- Assigned task: The answer must consist only of the lines from the line with "# Model space" to the line with "doc.units = ezdxf.units.IN", both included, exactly as they stand below.

———

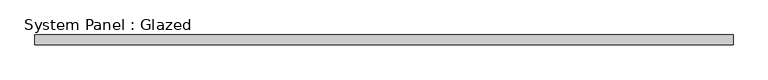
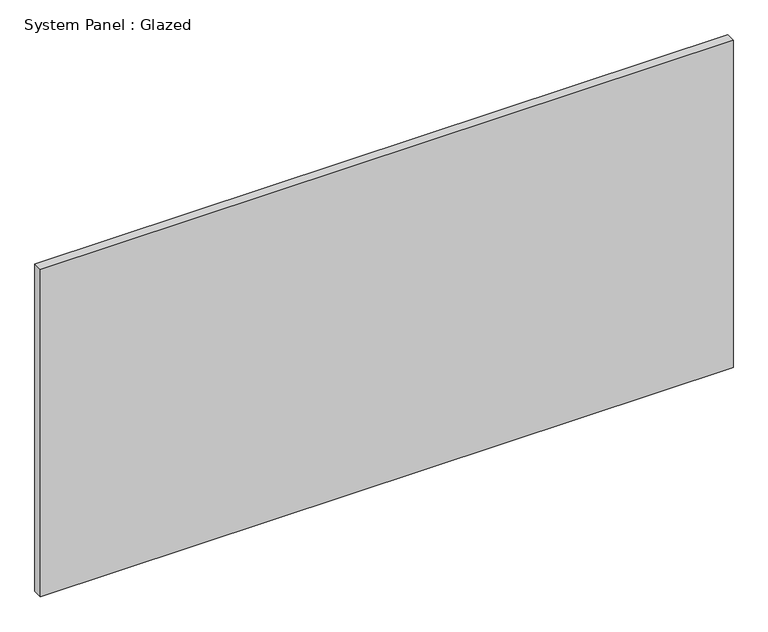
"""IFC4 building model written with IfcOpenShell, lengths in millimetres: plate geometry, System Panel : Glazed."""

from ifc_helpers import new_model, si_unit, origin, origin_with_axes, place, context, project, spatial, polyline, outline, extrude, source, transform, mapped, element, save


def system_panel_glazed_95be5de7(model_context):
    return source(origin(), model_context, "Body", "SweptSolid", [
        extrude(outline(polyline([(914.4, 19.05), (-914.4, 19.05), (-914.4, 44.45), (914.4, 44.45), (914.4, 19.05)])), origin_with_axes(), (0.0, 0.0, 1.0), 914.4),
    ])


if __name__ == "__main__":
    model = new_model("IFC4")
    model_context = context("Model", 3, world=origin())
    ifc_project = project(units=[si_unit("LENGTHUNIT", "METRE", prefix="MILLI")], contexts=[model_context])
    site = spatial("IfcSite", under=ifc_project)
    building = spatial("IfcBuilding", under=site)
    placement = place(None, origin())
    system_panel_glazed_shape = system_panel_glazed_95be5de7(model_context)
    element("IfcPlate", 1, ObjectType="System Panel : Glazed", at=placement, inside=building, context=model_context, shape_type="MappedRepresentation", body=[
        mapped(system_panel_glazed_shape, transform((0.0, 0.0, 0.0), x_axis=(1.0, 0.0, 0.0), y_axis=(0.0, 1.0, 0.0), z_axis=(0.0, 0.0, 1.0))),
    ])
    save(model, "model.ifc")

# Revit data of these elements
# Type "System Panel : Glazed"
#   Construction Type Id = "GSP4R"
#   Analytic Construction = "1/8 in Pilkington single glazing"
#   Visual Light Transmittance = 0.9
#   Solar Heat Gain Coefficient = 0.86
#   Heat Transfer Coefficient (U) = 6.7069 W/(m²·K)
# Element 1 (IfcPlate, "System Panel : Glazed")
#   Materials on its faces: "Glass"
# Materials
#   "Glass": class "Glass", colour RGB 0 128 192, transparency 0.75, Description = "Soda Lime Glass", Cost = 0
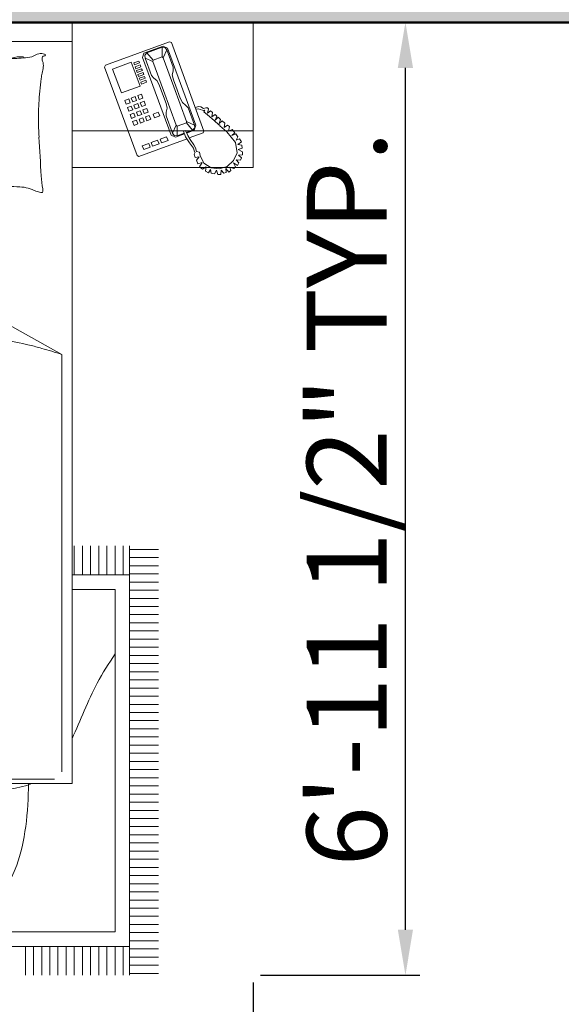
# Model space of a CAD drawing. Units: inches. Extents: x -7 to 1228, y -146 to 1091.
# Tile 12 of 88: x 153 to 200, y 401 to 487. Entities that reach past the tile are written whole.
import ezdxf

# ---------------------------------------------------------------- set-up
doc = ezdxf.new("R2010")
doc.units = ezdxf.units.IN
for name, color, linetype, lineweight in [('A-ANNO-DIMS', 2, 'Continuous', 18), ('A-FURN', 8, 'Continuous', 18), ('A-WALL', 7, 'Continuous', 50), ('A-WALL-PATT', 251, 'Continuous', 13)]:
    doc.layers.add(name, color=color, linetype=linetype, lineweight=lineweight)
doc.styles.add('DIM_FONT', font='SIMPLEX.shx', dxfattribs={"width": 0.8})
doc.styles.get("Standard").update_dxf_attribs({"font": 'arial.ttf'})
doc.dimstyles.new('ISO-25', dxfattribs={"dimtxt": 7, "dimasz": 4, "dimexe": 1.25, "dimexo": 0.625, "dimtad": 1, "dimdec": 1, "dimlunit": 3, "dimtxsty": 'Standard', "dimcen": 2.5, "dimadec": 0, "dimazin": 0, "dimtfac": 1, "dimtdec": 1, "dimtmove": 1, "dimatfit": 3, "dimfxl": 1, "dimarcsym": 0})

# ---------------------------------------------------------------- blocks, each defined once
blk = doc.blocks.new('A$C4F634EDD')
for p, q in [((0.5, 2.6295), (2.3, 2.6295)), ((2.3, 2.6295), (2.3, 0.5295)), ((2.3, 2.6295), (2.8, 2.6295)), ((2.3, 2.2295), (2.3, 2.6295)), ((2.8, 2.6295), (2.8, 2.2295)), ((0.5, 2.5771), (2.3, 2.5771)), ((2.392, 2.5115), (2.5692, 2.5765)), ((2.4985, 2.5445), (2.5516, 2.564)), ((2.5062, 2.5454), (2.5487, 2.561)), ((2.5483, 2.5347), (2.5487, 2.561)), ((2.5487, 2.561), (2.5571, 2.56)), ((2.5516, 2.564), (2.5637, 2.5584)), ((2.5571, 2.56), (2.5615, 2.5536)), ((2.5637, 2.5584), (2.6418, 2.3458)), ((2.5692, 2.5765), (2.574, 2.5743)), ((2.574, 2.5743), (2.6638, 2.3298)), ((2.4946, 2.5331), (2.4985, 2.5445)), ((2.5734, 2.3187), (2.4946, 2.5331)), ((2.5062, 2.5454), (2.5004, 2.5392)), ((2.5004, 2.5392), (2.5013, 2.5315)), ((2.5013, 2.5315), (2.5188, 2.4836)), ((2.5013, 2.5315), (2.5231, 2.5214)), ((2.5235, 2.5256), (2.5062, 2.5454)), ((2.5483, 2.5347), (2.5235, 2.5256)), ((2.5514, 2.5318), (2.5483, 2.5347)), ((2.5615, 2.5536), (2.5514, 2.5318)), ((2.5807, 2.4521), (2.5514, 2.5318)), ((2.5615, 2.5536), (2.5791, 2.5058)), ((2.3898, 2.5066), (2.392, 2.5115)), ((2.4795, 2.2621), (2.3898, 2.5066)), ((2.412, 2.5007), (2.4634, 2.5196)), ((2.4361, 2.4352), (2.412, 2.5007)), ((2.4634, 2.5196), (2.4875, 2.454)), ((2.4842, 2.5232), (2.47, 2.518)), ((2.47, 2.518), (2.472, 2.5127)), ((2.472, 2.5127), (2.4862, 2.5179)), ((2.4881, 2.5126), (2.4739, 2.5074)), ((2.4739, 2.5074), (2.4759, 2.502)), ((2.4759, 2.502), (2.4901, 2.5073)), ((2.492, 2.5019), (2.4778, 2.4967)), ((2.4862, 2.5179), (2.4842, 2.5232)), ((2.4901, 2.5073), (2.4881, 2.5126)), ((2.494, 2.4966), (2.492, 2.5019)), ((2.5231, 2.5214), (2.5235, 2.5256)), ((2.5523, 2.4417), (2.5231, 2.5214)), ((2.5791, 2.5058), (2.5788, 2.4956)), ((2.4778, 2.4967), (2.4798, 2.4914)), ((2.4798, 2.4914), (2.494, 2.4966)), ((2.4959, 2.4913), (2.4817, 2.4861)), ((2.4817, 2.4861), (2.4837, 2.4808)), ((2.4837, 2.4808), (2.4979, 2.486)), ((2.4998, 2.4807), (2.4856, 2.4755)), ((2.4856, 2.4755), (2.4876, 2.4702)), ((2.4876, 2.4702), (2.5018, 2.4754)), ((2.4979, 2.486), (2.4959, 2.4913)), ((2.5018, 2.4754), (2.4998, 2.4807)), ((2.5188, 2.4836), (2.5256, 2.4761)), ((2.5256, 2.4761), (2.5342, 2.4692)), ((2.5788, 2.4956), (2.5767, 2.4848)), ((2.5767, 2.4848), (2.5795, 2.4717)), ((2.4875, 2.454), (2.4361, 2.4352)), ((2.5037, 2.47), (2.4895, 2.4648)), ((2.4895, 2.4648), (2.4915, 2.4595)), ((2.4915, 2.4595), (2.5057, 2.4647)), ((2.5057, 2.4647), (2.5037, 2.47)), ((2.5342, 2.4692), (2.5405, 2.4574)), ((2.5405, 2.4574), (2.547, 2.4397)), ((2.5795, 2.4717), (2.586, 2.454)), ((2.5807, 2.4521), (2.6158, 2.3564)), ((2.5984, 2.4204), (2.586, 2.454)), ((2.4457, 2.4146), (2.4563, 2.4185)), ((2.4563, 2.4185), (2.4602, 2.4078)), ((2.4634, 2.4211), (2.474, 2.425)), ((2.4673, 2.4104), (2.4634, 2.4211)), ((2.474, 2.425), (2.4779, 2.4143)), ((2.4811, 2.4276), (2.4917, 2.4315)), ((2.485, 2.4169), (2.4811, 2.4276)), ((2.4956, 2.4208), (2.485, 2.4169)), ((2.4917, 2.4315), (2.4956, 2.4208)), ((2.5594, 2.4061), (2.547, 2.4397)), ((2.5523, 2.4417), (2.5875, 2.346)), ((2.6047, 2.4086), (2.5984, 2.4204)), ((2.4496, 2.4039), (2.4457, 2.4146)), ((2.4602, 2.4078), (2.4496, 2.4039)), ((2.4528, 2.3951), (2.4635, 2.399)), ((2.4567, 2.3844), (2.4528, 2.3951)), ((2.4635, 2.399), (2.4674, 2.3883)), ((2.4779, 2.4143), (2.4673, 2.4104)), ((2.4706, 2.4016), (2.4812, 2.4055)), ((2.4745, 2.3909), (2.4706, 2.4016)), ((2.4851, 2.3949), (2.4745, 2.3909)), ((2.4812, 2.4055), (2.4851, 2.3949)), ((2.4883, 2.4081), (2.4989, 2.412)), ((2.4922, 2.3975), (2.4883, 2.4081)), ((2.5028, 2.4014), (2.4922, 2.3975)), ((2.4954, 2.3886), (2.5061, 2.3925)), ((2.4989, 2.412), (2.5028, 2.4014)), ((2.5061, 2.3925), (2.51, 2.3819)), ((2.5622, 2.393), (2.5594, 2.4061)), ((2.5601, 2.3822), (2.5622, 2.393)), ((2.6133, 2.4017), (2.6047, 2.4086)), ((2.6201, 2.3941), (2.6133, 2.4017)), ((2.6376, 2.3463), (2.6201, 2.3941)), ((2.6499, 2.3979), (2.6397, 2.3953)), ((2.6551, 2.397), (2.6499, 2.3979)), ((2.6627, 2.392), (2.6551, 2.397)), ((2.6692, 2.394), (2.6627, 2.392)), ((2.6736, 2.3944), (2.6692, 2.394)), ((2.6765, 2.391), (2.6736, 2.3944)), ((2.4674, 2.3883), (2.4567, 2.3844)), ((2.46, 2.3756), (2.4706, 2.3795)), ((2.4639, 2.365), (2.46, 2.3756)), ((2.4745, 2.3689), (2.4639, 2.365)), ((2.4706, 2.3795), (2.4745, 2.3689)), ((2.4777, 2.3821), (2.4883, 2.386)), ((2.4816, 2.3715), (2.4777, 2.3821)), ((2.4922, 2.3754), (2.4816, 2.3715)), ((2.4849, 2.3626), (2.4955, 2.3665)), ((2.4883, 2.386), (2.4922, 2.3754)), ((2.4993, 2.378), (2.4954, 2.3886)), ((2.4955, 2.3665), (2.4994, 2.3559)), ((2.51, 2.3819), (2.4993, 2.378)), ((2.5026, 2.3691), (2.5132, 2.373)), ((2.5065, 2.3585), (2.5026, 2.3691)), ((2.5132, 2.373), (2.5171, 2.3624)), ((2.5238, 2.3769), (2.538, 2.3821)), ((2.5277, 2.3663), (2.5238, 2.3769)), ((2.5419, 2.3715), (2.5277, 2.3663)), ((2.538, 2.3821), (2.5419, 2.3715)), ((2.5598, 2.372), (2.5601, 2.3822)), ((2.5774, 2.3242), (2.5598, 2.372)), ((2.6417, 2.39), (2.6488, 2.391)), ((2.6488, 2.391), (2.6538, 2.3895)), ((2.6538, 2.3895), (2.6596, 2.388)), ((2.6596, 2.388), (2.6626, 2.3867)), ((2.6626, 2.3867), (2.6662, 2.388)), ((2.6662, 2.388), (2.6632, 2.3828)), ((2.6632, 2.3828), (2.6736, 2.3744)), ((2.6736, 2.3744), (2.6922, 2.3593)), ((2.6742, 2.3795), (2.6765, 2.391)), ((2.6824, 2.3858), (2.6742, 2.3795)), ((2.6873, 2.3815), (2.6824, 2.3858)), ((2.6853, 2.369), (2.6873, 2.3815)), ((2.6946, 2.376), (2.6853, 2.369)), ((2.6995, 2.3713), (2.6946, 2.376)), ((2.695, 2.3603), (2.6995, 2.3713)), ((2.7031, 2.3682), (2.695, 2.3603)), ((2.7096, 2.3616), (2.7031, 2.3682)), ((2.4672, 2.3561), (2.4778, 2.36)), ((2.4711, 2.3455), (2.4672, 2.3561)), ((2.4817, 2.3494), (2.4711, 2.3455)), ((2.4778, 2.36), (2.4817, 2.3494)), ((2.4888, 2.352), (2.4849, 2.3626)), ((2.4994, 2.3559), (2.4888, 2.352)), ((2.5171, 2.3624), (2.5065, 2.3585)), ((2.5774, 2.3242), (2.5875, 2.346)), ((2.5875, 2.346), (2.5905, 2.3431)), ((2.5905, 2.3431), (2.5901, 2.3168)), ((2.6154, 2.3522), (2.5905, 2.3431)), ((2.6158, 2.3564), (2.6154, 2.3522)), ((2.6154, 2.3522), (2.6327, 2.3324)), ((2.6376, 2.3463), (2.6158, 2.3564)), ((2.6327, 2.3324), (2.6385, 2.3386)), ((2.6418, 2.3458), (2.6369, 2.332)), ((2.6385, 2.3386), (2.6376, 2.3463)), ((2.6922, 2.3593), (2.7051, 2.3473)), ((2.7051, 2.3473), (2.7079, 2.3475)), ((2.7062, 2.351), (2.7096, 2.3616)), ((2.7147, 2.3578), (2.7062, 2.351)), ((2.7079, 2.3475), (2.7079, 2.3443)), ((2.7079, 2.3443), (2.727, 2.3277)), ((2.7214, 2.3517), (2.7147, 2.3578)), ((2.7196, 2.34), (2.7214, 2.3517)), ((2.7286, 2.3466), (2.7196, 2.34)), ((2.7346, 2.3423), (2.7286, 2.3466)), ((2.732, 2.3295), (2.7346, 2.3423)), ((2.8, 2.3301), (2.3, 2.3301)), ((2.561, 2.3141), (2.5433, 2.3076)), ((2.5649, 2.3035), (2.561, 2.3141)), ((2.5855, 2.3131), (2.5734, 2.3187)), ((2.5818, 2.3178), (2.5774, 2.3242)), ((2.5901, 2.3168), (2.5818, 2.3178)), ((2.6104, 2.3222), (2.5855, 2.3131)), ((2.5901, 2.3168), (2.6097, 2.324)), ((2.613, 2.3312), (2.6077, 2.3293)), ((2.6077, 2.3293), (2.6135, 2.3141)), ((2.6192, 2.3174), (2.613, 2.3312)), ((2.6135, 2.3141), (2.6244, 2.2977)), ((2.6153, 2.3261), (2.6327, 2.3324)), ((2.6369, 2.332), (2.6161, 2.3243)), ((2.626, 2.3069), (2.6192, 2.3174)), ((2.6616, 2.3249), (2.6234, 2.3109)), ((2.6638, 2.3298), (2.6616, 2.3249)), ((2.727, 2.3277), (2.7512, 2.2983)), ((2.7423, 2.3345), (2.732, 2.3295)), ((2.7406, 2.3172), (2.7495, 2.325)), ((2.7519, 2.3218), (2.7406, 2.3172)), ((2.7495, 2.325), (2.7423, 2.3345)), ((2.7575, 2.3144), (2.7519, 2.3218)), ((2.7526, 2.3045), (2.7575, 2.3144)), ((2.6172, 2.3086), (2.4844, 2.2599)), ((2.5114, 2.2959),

———

- Finished exercise:
# Model space of a CAD drawing. Units: inches. Extents: x -7 to 1228, y -146 to 1091.
# Tile 12 of 88: x 153 to 200, y 401 to 487. Entities that reach past the tile are written whole.
import ezdxf

# ---------------------------------------------------------------- set-up
doc = ezdxf.new("R2010")
doc.units = ezdxf.units.IN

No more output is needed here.